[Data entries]
* * *

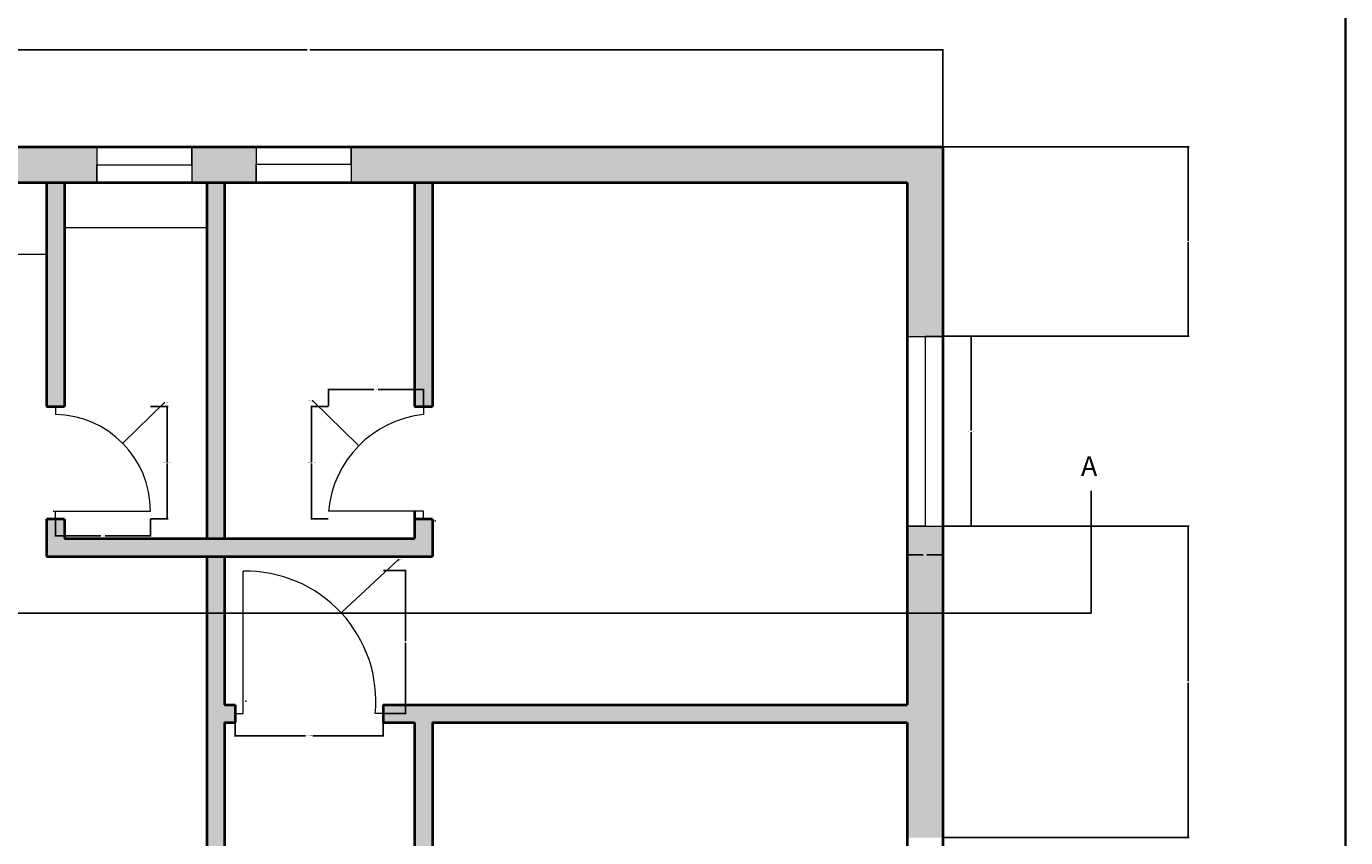
# Model space of a CAD drawing. Units: inches. Extents: x 1441 to 2460, y 1648 to 2683.
# Tile 33 of 35: x 2127 to 2460, y 2124 to 2329. Entities that reach past the tile are written whole.
import ezdxf

# ---------------------------------------------------------------- set-up
doc = ezdxf.new("R2010")
doc.units = ezdxf.units.IN
for name, color, linetype, lineweight in [('A-ANNO-DIMS', 2, 'Continuous', 18), ('A-ANNO-SYMB', 5, 'Continuous', 25), ('A-ANNO-TTLB', 7, 'Continuous', 35), ('A-DOOR', 3, 'Continuous', 20), ('A-FLOR-CASE', 9, 'Continuous', 20), ('A-GLAZ', 4, 'Continuous', 18), ('A-WALL', 7, 'Continuous', 40)]:
    doc.layers.add(name, color=color, linetype=linetype, lineweight=lineweight)
doc.layers.add('A-WALL-PATT', color=251, linetype='Continuous', lineweight=13, true_color=0x636466)
doc.styles.get("Standard").update_dxf_attribs({"font": 'arial.ttf'})
doc.dimstyles.get("Standard").update_dxf_attribs({"dimtxt": 0.18, "dimasz": 0.18, "dimexe": 0.18, "dimexo": 0.0625, "dimgap": 0.09, "dimtad": 0, "dimtih": 1, "dimtoh": 1, "dimdec": 4, "dimzin": 0, "dimdsep": 46, "dimtxsty": 'Standard', "dimcen": 0.09, "dimadec": 0, "dimazin": 0, "dimtfac": 1, "dimtdec": 4, "dimtofl": 0, "dimtmove": 0, "dimatfit": 3, "dimfxl": 1, "dimtolj": 1, "dimtzin": 0, "dimarcsym": 0})

# ---------------------------------------------------------------- blocks, each defined once
blk = doc.blocks.new('DOOR-BED1-36')
for p, q in [((2, 0), (2, 36)), ((0, 0), (2, 0)), ((37.39, 0), (35.39, 0))]:
    blk.add_line(p, q)
blk.add_arc((2.69, 3.15), 32.85, 354.488, 91.1985)
blk = doc.blocks.new('DOOR-WC-NORTH-24')
for p, q in [((24, 28.42), (24, 26.42)), ((24, 2), (0, 2)), ((24, 0), (24, 2))]:
    blk.add_line(p, q)
blk.add_arc((26.92, -0.45), 27.04, 96.2058, 174.7965)
blk = doc.blocks.new('DOOR-STORE-24')
for p, q in [((0, 28.42), (0, 26.42)), ((0, 0), (0, 2)), ((0, 2), (24, 2))]:
    blk.add_line(p, q)
blk.add_arc((-0.43, 2), 24.43, 0, 88.9938)
blk = doc.blocks.new('WIN-48-SASH')
for p, q in [((9, 48), (4.5, 48)), ((4.5, 48), (4.5, 0)), ((4.5, 0), (0, 0))]:
    blk.add_line(p, q)
blk = doc.blocks.new('*D42')
at = {"layer": 'A-ANNO-DIMS', "color": 0, "lineweight": -2, "transparency": 16777216}
for p, q in [((2179.58, 2155.38), (2179.58, 2149.66)), ((2216.96, 2155.38), (2216.96, 2149.66)), ((2179.76, 2149.84), (2197.34, 2149.84)), ((2216.78, 2149.84), (2199.2, 2149.84))]:
    blk.add_line(p, q, dxfattribs=at)
at = {"layer": 'A-ANNO-DIMS', "color": 0, "transparency": 16777216}
for points in [[(2179.76, 2149.87), (2179.76, 2149.81), (2179.58, 2149.84)], [(2216.78, 2149.87), (2216.78, 2149.81), (2216.96, 2149.84)]]:
    blk.add_solid(points, dxfattribs=at)
at = {"layer": 'Defpoints', "color": 0, "transparency": 16777216}
for p in [(2179.58, 2155.45), (2216.96, 2155.45), (2216.96, 2149.84)]:
    blk.add_point(p, dxfattribs=at)
at = {"layer": 'A-ANNO-DIMS', "color": 0, "transparency": 16777216, "insert": (2198.27, 2149.84), "char_height": 0.18, "attachment_point": 5}
blk.add_mtext('\\A1;B1 DR 37 TYP.', dxfattribs=at)
blk = doc.blocks.new('*D43')
at = {"layer": 'A-ANNO-DIMS', "color": 0, "lineweight": -2, "transparency": 16777216}
for p, q in [((2217.03, 2191.64), (2222.75, 2191.64)), ((2222.57, 2191.46), (2222.57, 2173.73)), ((2222.57, 2155.63), (2222.57, 2173.36)), ((2217.03, 2155.45), (2222.75, 2155.45))]:
    blk.add_line(p, q, dxfattribs=at)
at = {"layer": 'A-ANNO-DIMS', "color": 0, "transparency": 16777216}
for points in [[(2222.54, 2191.46), (2222.6, 2191.46), (2222.57, 2191.64)], [(2222.54, 2155.63), (2222.6, 2155.63), (2222.57, 2155.45)]]:
    blk.add_solid(points, dxfattribs=at)
at = {"layer": 'Defpoints', "color": 0, "transparency": 16777216}
for p in [(2216.96, 2191.64), (2222.57, 2191.64), (2216.96, 2155.45)]:
    blk.add_point(p, dxfattribs=at)
at = {"layer": 'A-ANNO-DIMS', "color": 0, "transparency": 16777216, "insert": (2222.57, 2173.54), "char_height": 0.18, "attachment_point": 5}
blk.add_mtext('\\A1;36 TYP.', dxfattribs=at)
blk = doc.blocks.new('*D44')
at = {"layer": 'A-ANNO-DIMS', "color": 0, "lineweight": -2, "transparency": 16777216}
for p, q in [((2203.09, 2233.06), (2198.71, 2233.06)), ((2198.89, 2232.88), (2198.89, 2219.03)), ((2198.89, 2204.82), (2198.89, 2218.67)), ((2203.09, 2204.64), (2198.71, 2204.64))]:
    blk.add_line(p, q, dxfattribs=at)
at = {"layer": 'A-ANNO-DIMS', "color": 0, "transparency": 16777216}
for points in [[(2198.86, 2232.88), (2198.92, 2232.88), (2198.89, 2233.06)], [(2198.86, 2204.82), (2198.92, 2204.82), (2198.89, 2204.64)]]:
    blk.add_solid(points, dxfattribs=at)
at = {"layer": 'Defpoints', "color": 0, "transparency": 16777216}
for p in [(2198.89, 2233.06), (2203.15, 2233.06), (2203.15, 2204.64)]:
    blk.add_point(p, dxfattribs=at)
at = {"layer": 'A-ANNO-DIMS', "color": 0, "transparency": 16777216, "insert": (2198.89, 2218.85), "char_height": 0.18, "attachment_point": 5}
blk.add_mtext('\\A1;WC DOOR 28 TYP.', dxfattribs=at)
blk = doc.blocks.new('*D45')
at = {"layer": 'A-ANNO-DIMS', "color": 0, "lineweight": -2, "transparency": 16777216}
for p, q in [((2203.15, 2233.12), (2203.15, 2237.51)), ((2203.33, 2237.33), (2214.62, 2237.33)), ((2226.97, 2237.33), (2215.68, 2237.33)), ((2227.15, 2233.12), (2227.15, 2237.51))]:
    blk.add_line(p, q, dxfattribs=at)
at = {"layer": 'A-ANNO-DIMS', "color": 0, "transparency": 16777216}
for points in [[(2203.33, 2237.36), (2203.33, 2237.3), (2203.15, 2237.33)], [(2226.97, 2237.36), (2226.97, 2237.3), (2227.15, 2237.33)]]:
    blk.add_solid(points, dxfattribs=at)
at = {"layer": 'Defpoints', "color": 0, "transparency": 16777216}
for p in [(2227.15, 2237.33), (2203.15, 2233.06), (2227.15, 2233.06)]:
    blk.add_point(p, dxfattribs=at)
at = {"layer": 'A-ANNO-DIMS', "color": 0, "transparency": 16777216, "insert": (2215.15, 2237.33), "char_height": 0.18, "attachment_point": 5}
blk.add_mtext('\\A1;24 TYP.', dxfattribs=at)
blk = doc.blocks.new('*D46')
at = {"layer": 'A-ANNO-DIMS', "color": 0, "lineweight": -2, "transparency": 16777216}
for p, q in [((2158.21, 2233.06), (2162.6, 2233.06)), ((2162.42, 2232.88), (2162.42, 2219.03)), ((2162.42, 2204.82), (2162.42, 2218.67)), ((2158.21, 2204.64), (2162.6, 2204.64))]:
    blk.add_line(p, q, dxfattribs=at)
at = {"layer": 'A-ANNO-DIMS', "color": 0, "transparency": 16777216}
for points in [[(2162.39, 2232.88), (2162.45, 2232.88), (2162.42, 2233.06)], [(2162.39, 2204.82), (2162.45, 2204.82), (2162.42, 2204.64)]]:
    blk.add_solid(points, dxfattribs=at)
at = {"layer": 'Defpoints', "color": 0, "transparency": 16777216}
for p in [(2158.15, 2233.06), (2162.42, 2233.06), (2158.15, 2204.64)]:
    blk.add_point(p, dxfattribs=at)
at = {"layer": 'A-ANNO-DIMS', "color": 0, "transparency": 16777216, "insert": (2162.42, 2218.85), "char_height": 0.18, "attachment_point": 5}
blk.add_mtext('\\A1;STORE DOOR 28 TYP.', dxfattribs=at)
blk = doc.blocks.new('*D47')
at = {"layer": 'A-ANNO-DIMS', "color": 0, "lineweight": -2, "transparency": 16777216}
for p, q in [((2134.15, 2204.57), (2134.15, 2200.19)), ((2158.15, 2204.57), (2158.15, 2200.19)), ((2134.33, 2200.37), (2145.62, 2200.37)), ((2157.97, 2200.37), (2146.68, 2200.37))]:
    blk.add_line(p, q, dxfattribs=at)
at = {"layer": 'A-ANNO-DIMS', "color": 0, "transparency": 16777216}
for points in [[(2134.33, 2200.4), (2134.33, 2200.34), (2134.15, 2200.37)], [(2157.97, 2200.4), (2157.97, 2200.34), (2158.15, 2200.37)]]:
    blk.add_solid(points, dxfattribs=at)
at = {"layer": 'Defpoints', "color": 0, "transparency": 16777216}
for p in [(2134.15, 2204.64), (2158.15, 2204.64), (2158.15, 2200.37)]:
    blk.add_point(p, dxfattribs=at)
at = {"layer": 'A-ANNO-DIMS', "color": 0, "transparency": 16777216, "insert": (2146.15, 2200.37), "char_height": 0.18, "attachment_point": 5}
blk.add_mtext('\\A1;24 TYP.', dxfattribs=at)
blk = doc.blocks.new('*D58')
at = {"layer": 'A-ANNO-DIMS', "color": 0, "lineweight": -2, "transparency": 16777216}
for p, q in [((2358.46, 2250.81), (2365.78, 2250.81)), ((2365.6, 2250.63), (2365.6, 2226.99)), ((2365.6, 2202.99), (2365.6, 2226.62)), ((2358.46, 2202.81), (2365.78, 2202.81))]:
    blk.add_line(p, q, dxfattribs=at)
at = {"layer": 'A-ANNO-DIMS', "color": 0, "transparency": 16777216}
for points in [[(2365.57, 2250.63), (2365.63, 2250.63), (2365.6, 2250.81)], [(2365.57, 2202.99), (2365.63, 2202.99), (2365.6, 2202.81)]]:
    blk.add_solid(points, dxfattribs=at)
at = {"layer": 'Defpoints', "color": 0, "transparency": 16777216}
for p in [(2358.4, 2250.81), (2365.6, 2250.81), (2358.4, 2202.81)]:
    blk.add_point(p, dxfattribs=at)
at = {"layer": 'A-ANNO-DIMS', "color": 0, "transparency": 16777216, "insert": (2365.6, 2226.81), "char_height": 0.18, "attachment_point": 5}
blk.add_mtext('\\A1;SASH 48 TYP.', dxfattribs=at)
blk = doc.blocks.new('*D59')
at = {"layer": 'A-ANNO-DIMS', "color": 0, "lineweight": -2, "transparency": 16777216}
for p, q in [((2349.4, 2202.74), (2349.4, 2195.43)), ((2358.4, 2202.74), (2358.4, 2195.43)), ((2349.58, 2195.61), (2353.44, 2195.61)), ((2358.22, 2195.61), (2354.36, 2195.61))]:
    blk.add_line(p, q, dxfattribs=at)
at = {"layer": 'A-ANNO-DIMS', "color": 0, "transparency": 16777216}
for points in [[(2349.58, 2195.64), (2349.58, 2195.58), (2349.4, 2195.61)], [(2358.22, 2195.64), (2358.22, 2195.58), (2358.4, 2195.61)]]:
    blk.add_solid(points, dxfattribs=at)
at = {"layer": 'Defpoints', "color": 0, "transparency": 16777216}
for p in [(2349.4, 2202.81), (2358.4, 2202.81), (2358.4, 2195.61)]:
    blk.add_point(p, dxfattribs=at)
at = {"layer": 'A-ANNO-DIMS', "color": 0, "transparency": 16777216, "insert": (2353.9, 2195.61), "char_height": 0.18, "attachment_point": 5}
blk.add_mtext('\\A1;9 TYP.', dxfattribs=at)
blk = doc.blocks.new('*D80')
at = {"layer": 'A-ANNO-DIMS', "color": 0, "lineweight": -2, "transparency": 16777216}
for p, q in [((2037.9, 2298.76), (2037.9, 2323.43)), ((2038.08, 2323.25), (2197.76, 2323.25)), ((2358.22, 2323.25), (2198.55, 2323.25)), ((2358.4, 2298.76), (2358.4, 2323.43))]:
    blk.add_line(p, q, dxfattribs=at)
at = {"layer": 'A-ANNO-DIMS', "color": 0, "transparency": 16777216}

* * *

WHAT YOU HAVE TO DO: Please show, exactly as written, every line above that contains the word "STORE".

THE COMPLETED TASK:
blk = doc.blocks.new('DOOR-STORE-24')
blk.add_mtext('\\A1;STORE DOOR 28 TYP.', dxfattribs=at)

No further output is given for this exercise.